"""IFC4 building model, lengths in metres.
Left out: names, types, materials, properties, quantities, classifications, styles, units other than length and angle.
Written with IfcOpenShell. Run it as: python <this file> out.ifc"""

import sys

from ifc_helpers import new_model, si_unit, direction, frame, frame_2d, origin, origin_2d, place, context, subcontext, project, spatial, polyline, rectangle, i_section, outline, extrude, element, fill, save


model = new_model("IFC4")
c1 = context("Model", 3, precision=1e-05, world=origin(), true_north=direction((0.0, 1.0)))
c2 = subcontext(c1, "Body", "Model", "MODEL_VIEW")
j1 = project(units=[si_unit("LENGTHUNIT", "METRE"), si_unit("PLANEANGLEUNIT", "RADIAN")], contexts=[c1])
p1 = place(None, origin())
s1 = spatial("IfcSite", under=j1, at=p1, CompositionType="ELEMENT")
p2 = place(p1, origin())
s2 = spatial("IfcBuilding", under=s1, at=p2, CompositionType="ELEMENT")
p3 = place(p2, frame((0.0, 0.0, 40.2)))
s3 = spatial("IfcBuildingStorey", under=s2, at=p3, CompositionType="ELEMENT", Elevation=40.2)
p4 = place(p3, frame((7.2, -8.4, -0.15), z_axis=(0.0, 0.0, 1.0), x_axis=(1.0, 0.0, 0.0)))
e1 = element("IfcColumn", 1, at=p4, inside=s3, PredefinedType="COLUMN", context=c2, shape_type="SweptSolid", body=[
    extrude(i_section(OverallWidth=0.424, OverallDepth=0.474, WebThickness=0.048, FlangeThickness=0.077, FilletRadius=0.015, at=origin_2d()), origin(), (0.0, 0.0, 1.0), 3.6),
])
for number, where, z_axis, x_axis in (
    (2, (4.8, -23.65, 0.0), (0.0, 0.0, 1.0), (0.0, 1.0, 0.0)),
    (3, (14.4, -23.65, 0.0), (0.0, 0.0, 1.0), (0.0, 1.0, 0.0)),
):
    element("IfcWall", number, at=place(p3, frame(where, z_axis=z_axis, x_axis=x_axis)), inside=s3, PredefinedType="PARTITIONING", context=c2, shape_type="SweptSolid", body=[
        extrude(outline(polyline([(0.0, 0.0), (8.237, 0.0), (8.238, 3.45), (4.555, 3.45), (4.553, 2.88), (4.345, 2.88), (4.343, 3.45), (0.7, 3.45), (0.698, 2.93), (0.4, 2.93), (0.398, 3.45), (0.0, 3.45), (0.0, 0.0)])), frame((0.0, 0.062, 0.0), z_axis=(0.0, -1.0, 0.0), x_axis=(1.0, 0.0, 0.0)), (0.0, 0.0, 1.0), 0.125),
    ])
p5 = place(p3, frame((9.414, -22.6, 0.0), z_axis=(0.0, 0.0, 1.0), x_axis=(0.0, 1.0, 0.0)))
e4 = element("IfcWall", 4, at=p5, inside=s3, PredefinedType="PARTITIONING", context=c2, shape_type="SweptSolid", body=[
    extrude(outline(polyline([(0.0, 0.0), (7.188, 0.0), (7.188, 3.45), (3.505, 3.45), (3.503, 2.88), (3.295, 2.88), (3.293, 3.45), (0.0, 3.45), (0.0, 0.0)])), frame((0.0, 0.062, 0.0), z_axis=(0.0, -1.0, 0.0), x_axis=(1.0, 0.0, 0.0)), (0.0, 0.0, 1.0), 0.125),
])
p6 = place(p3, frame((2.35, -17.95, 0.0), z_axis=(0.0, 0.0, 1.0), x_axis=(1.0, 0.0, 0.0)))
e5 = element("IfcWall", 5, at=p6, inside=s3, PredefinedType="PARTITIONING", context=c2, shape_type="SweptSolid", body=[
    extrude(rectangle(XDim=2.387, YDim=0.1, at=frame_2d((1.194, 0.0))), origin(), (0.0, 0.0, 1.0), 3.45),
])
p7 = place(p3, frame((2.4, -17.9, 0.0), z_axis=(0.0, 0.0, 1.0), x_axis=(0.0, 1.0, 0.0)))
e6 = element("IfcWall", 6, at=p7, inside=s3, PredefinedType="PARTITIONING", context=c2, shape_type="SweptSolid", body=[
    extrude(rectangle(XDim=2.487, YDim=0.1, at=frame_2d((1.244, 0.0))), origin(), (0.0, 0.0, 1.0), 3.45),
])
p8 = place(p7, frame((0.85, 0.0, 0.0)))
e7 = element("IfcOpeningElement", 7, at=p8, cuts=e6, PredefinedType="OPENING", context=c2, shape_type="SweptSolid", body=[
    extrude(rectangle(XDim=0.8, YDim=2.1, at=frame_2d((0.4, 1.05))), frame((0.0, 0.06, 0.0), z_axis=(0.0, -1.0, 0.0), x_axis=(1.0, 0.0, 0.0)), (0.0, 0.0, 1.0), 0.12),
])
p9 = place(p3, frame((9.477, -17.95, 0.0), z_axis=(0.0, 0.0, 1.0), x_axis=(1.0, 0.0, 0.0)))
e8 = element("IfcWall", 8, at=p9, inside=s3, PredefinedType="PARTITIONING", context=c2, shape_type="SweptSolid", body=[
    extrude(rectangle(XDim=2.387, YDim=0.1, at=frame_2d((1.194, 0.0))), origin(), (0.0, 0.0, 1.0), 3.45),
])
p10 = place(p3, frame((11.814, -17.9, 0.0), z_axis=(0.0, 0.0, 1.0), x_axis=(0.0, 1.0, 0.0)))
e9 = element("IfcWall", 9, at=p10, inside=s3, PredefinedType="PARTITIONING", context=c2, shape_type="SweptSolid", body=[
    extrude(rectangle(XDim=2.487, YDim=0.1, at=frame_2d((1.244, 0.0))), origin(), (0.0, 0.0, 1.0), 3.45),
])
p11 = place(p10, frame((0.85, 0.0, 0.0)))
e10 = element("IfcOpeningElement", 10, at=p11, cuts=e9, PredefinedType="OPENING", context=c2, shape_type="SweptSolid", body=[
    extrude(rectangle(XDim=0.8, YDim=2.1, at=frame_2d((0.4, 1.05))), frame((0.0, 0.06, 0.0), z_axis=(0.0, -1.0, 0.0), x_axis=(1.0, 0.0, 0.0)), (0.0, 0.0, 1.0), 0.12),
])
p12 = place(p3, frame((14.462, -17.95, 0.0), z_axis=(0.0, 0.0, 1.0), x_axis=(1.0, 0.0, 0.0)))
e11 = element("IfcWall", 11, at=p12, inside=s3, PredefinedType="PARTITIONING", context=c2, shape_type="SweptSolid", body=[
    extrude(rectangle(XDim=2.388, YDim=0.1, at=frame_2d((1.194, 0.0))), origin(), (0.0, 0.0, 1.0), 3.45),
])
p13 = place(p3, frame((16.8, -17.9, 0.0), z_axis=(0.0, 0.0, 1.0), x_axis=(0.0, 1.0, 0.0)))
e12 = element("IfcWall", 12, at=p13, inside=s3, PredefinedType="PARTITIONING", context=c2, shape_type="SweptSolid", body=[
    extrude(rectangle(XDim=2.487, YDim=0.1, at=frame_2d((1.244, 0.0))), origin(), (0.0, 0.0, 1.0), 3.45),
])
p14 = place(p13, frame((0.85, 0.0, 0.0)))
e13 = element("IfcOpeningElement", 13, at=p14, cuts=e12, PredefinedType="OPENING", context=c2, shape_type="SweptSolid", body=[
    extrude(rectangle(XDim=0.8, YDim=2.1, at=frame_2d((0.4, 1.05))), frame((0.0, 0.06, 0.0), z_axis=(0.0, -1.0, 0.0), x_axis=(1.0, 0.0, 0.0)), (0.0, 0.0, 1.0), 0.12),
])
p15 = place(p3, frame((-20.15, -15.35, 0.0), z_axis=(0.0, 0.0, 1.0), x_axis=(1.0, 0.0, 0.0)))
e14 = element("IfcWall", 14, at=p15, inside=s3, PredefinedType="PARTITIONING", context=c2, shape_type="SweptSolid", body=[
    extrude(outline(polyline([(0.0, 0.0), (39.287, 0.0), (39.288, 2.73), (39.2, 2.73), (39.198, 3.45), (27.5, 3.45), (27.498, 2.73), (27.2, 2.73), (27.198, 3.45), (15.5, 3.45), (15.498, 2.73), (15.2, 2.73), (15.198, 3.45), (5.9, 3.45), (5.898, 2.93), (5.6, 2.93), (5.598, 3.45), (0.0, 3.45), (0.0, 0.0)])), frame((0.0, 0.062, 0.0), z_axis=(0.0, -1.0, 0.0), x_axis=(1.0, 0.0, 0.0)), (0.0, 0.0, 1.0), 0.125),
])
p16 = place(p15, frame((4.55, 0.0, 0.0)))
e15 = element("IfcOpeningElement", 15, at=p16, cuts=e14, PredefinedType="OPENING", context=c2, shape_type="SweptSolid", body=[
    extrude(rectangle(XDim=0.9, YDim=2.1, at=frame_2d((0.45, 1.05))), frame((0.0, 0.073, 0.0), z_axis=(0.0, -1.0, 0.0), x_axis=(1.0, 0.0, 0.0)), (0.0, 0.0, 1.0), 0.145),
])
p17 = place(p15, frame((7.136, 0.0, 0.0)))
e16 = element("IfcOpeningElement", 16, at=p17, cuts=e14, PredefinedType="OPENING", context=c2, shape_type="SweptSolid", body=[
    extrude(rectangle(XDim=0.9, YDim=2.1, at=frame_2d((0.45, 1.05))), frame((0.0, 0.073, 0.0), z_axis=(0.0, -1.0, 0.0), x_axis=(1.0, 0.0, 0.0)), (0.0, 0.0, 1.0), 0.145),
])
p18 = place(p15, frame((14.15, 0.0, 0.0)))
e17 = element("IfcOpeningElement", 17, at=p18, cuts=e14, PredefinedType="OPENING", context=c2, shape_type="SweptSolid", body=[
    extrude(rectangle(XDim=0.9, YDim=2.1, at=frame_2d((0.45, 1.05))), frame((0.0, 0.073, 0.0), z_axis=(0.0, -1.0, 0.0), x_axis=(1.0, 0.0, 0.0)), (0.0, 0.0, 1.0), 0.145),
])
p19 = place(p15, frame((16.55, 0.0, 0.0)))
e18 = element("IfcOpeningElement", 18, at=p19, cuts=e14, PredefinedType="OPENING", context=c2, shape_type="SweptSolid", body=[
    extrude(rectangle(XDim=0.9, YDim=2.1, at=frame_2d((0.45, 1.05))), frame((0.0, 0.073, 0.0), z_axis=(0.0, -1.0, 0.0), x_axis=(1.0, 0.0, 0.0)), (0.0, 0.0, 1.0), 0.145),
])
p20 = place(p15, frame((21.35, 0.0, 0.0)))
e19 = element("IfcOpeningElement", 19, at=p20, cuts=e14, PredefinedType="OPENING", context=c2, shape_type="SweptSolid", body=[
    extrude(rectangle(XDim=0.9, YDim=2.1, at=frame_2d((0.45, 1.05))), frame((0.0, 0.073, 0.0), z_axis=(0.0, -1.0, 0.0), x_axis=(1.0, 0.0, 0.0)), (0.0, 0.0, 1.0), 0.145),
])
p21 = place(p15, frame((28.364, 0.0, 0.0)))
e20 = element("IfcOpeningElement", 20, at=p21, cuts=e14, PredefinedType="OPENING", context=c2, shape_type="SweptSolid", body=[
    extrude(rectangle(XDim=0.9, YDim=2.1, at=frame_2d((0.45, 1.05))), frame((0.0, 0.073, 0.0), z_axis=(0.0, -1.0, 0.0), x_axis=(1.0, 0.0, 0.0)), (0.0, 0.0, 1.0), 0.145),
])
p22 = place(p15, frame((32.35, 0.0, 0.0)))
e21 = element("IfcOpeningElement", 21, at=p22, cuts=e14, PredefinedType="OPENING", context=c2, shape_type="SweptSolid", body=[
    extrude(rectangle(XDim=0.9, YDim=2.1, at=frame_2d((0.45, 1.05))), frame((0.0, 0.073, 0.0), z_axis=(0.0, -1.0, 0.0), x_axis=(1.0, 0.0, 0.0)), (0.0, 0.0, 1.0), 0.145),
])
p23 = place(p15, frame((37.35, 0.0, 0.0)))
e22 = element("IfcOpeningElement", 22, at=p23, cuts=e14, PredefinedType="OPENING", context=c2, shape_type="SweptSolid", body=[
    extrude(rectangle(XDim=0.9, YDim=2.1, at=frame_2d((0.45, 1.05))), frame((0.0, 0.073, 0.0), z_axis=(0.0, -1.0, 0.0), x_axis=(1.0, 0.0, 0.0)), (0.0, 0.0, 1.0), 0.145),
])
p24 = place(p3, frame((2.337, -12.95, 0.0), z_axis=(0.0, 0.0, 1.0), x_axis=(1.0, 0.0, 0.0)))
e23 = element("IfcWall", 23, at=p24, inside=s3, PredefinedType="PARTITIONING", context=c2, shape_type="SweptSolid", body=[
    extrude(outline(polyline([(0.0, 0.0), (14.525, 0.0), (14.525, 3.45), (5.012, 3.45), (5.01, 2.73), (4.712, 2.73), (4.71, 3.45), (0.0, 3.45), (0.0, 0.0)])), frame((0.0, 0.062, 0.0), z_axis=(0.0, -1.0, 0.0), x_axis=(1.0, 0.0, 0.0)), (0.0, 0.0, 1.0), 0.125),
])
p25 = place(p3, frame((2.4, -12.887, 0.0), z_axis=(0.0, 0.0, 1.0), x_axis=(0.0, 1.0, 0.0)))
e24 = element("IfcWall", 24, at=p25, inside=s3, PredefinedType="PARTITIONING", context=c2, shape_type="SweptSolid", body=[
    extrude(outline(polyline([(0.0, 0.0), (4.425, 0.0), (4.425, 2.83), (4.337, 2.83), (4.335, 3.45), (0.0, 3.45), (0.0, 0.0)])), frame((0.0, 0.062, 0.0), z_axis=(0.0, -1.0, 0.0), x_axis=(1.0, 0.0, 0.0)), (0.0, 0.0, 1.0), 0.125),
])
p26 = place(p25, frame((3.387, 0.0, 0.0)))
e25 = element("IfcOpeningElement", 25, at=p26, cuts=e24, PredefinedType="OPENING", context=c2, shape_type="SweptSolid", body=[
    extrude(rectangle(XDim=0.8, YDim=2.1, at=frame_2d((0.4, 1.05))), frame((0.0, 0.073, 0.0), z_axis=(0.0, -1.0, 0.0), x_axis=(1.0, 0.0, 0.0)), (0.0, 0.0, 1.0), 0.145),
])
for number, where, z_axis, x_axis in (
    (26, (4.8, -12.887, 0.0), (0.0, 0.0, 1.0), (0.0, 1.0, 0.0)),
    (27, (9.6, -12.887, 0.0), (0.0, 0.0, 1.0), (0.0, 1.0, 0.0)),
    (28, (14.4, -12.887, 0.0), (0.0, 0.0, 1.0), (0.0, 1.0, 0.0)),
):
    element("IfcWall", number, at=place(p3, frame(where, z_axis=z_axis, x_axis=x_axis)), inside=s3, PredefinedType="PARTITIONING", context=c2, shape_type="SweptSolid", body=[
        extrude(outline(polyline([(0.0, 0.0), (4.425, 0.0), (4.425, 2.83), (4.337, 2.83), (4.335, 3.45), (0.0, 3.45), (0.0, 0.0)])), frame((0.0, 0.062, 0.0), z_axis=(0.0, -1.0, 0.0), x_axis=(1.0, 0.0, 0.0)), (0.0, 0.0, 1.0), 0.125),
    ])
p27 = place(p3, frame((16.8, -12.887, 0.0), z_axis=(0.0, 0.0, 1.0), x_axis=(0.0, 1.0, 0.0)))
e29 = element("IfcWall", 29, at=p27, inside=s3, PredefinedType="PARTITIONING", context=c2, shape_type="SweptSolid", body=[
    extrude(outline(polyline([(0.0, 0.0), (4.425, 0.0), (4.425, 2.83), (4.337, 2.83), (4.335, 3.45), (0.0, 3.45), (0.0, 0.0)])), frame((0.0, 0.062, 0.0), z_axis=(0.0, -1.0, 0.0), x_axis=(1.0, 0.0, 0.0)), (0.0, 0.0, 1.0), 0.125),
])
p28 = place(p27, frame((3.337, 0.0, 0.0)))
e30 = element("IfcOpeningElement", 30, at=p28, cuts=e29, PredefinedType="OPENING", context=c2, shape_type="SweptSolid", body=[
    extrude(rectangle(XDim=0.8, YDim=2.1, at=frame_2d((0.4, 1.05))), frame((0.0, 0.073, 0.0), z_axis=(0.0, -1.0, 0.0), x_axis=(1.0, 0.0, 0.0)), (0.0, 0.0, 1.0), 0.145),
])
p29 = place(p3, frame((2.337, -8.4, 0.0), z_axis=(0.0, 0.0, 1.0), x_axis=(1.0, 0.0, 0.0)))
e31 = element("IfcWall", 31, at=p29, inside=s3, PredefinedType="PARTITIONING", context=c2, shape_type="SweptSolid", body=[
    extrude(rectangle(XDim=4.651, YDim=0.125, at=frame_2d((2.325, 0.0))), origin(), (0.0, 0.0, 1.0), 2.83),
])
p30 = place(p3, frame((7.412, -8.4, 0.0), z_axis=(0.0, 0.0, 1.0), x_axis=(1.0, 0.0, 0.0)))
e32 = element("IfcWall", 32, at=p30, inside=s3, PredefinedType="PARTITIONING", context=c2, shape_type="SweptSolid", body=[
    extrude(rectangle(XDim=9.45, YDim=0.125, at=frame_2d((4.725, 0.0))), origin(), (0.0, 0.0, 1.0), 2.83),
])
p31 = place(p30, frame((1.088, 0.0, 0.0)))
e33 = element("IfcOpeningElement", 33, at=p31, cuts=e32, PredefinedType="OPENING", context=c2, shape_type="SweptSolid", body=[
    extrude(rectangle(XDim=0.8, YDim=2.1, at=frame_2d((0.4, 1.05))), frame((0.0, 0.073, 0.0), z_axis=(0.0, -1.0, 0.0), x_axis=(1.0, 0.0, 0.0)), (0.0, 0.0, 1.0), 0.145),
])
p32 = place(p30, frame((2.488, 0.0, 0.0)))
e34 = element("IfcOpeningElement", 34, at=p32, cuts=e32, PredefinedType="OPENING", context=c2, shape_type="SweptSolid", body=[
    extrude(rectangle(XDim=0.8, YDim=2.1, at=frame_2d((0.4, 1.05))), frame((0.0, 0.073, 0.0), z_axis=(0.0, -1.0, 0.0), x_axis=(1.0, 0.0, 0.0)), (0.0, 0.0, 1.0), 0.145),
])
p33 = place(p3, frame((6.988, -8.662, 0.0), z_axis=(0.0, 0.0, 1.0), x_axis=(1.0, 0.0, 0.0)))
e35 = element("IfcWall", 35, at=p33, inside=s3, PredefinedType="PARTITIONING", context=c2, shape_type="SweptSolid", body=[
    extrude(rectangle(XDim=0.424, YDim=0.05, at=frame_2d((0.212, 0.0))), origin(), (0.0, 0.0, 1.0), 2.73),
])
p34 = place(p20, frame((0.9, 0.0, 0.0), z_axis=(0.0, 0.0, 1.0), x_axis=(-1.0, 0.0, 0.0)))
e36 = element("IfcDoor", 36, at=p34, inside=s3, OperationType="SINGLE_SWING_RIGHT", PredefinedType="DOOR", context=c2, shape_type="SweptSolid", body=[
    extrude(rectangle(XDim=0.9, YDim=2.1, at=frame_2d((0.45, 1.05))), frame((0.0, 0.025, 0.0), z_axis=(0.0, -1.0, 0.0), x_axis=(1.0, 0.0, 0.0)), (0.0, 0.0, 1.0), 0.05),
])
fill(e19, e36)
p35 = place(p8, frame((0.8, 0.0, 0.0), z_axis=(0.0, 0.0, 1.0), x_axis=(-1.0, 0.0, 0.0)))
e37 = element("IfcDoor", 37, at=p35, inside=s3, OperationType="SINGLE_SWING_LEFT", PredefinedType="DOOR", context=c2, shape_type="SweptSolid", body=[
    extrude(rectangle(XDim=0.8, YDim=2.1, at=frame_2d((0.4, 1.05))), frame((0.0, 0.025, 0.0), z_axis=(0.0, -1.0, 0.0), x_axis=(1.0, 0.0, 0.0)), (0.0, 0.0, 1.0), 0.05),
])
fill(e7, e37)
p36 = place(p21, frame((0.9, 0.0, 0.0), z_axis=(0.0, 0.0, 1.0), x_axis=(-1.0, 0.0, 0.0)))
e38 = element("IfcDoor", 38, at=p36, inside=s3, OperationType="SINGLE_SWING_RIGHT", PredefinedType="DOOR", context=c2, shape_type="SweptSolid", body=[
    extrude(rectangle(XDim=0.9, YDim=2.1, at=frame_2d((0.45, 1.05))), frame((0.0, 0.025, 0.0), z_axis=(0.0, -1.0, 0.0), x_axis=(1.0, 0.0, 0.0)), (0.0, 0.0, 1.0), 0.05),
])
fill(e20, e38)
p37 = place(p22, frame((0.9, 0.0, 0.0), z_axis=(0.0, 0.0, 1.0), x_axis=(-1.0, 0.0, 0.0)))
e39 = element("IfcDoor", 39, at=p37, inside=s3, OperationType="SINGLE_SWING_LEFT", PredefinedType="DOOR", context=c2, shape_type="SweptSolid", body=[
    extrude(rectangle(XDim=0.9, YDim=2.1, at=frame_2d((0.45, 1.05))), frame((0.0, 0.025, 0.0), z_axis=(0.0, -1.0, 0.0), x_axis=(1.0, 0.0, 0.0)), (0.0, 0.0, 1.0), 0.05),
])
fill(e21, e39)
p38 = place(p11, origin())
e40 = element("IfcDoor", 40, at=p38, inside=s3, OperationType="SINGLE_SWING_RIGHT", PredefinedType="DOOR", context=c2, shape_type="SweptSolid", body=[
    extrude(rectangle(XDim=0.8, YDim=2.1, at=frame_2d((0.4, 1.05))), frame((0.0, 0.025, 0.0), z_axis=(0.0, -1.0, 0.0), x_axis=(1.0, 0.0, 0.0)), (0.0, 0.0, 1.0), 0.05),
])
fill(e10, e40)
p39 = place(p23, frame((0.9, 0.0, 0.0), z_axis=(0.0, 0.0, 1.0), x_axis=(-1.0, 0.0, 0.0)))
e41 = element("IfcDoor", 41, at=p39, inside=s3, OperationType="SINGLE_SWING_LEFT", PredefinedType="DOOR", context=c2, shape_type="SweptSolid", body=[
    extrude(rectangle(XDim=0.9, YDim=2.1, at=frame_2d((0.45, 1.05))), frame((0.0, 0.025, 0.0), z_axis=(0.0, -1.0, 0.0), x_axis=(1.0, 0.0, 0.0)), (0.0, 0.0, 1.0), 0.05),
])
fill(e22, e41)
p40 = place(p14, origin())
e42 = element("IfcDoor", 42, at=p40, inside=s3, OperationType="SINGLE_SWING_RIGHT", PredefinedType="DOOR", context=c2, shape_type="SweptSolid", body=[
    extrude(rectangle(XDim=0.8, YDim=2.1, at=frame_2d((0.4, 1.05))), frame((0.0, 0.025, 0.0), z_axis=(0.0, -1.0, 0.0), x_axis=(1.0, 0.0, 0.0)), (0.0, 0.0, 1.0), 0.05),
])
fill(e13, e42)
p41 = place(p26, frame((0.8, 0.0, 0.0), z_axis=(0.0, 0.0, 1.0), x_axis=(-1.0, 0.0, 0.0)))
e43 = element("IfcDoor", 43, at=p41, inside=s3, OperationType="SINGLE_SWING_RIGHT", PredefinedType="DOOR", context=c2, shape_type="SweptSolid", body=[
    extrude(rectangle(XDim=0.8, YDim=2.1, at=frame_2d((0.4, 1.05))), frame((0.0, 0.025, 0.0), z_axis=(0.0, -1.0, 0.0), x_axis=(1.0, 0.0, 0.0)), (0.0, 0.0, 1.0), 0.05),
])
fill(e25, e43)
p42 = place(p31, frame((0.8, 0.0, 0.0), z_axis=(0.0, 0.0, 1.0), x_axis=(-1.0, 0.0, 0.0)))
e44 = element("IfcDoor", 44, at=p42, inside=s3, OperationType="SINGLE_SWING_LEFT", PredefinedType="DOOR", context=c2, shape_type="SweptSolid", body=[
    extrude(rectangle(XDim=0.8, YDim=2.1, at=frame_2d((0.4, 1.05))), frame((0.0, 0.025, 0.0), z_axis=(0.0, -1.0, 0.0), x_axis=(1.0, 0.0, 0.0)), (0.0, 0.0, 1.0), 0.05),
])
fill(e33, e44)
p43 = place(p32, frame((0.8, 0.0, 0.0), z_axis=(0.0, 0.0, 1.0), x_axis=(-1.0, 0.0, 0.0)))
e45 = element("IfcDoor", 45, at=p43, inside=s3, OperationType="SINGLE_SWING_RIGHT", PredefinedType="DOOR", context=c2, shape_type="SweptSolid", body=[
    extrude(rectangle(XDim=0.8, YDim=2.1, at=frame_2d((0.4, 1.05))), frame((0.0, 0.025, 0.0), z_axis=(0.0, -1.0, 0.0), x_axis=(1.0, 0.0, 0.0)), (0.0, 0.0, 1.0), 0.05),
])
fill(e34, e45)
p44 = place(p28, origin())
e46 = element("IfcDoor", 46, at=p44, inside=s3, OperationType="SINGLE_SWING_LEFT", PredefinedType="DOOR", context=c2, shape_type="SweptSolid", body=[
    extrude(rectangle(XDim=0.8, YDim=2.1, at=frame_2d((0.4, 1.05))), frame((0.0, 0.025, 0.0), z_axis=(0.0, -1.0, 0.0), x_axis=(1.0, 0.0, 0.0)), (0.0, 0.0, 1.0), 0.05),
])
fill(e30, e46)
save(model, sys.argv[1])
────────────────────
Copy every line in the records above that contains the word "units".

Left out: names, types, materials, properties, quantities, classifications, styles, units other than length and angle.
j1 = project(units=[si_unit("LENGTHUNIT", "METRE"), si_unit("PLANEANGLEUNIT", "RADIAN")], contexts=[c1])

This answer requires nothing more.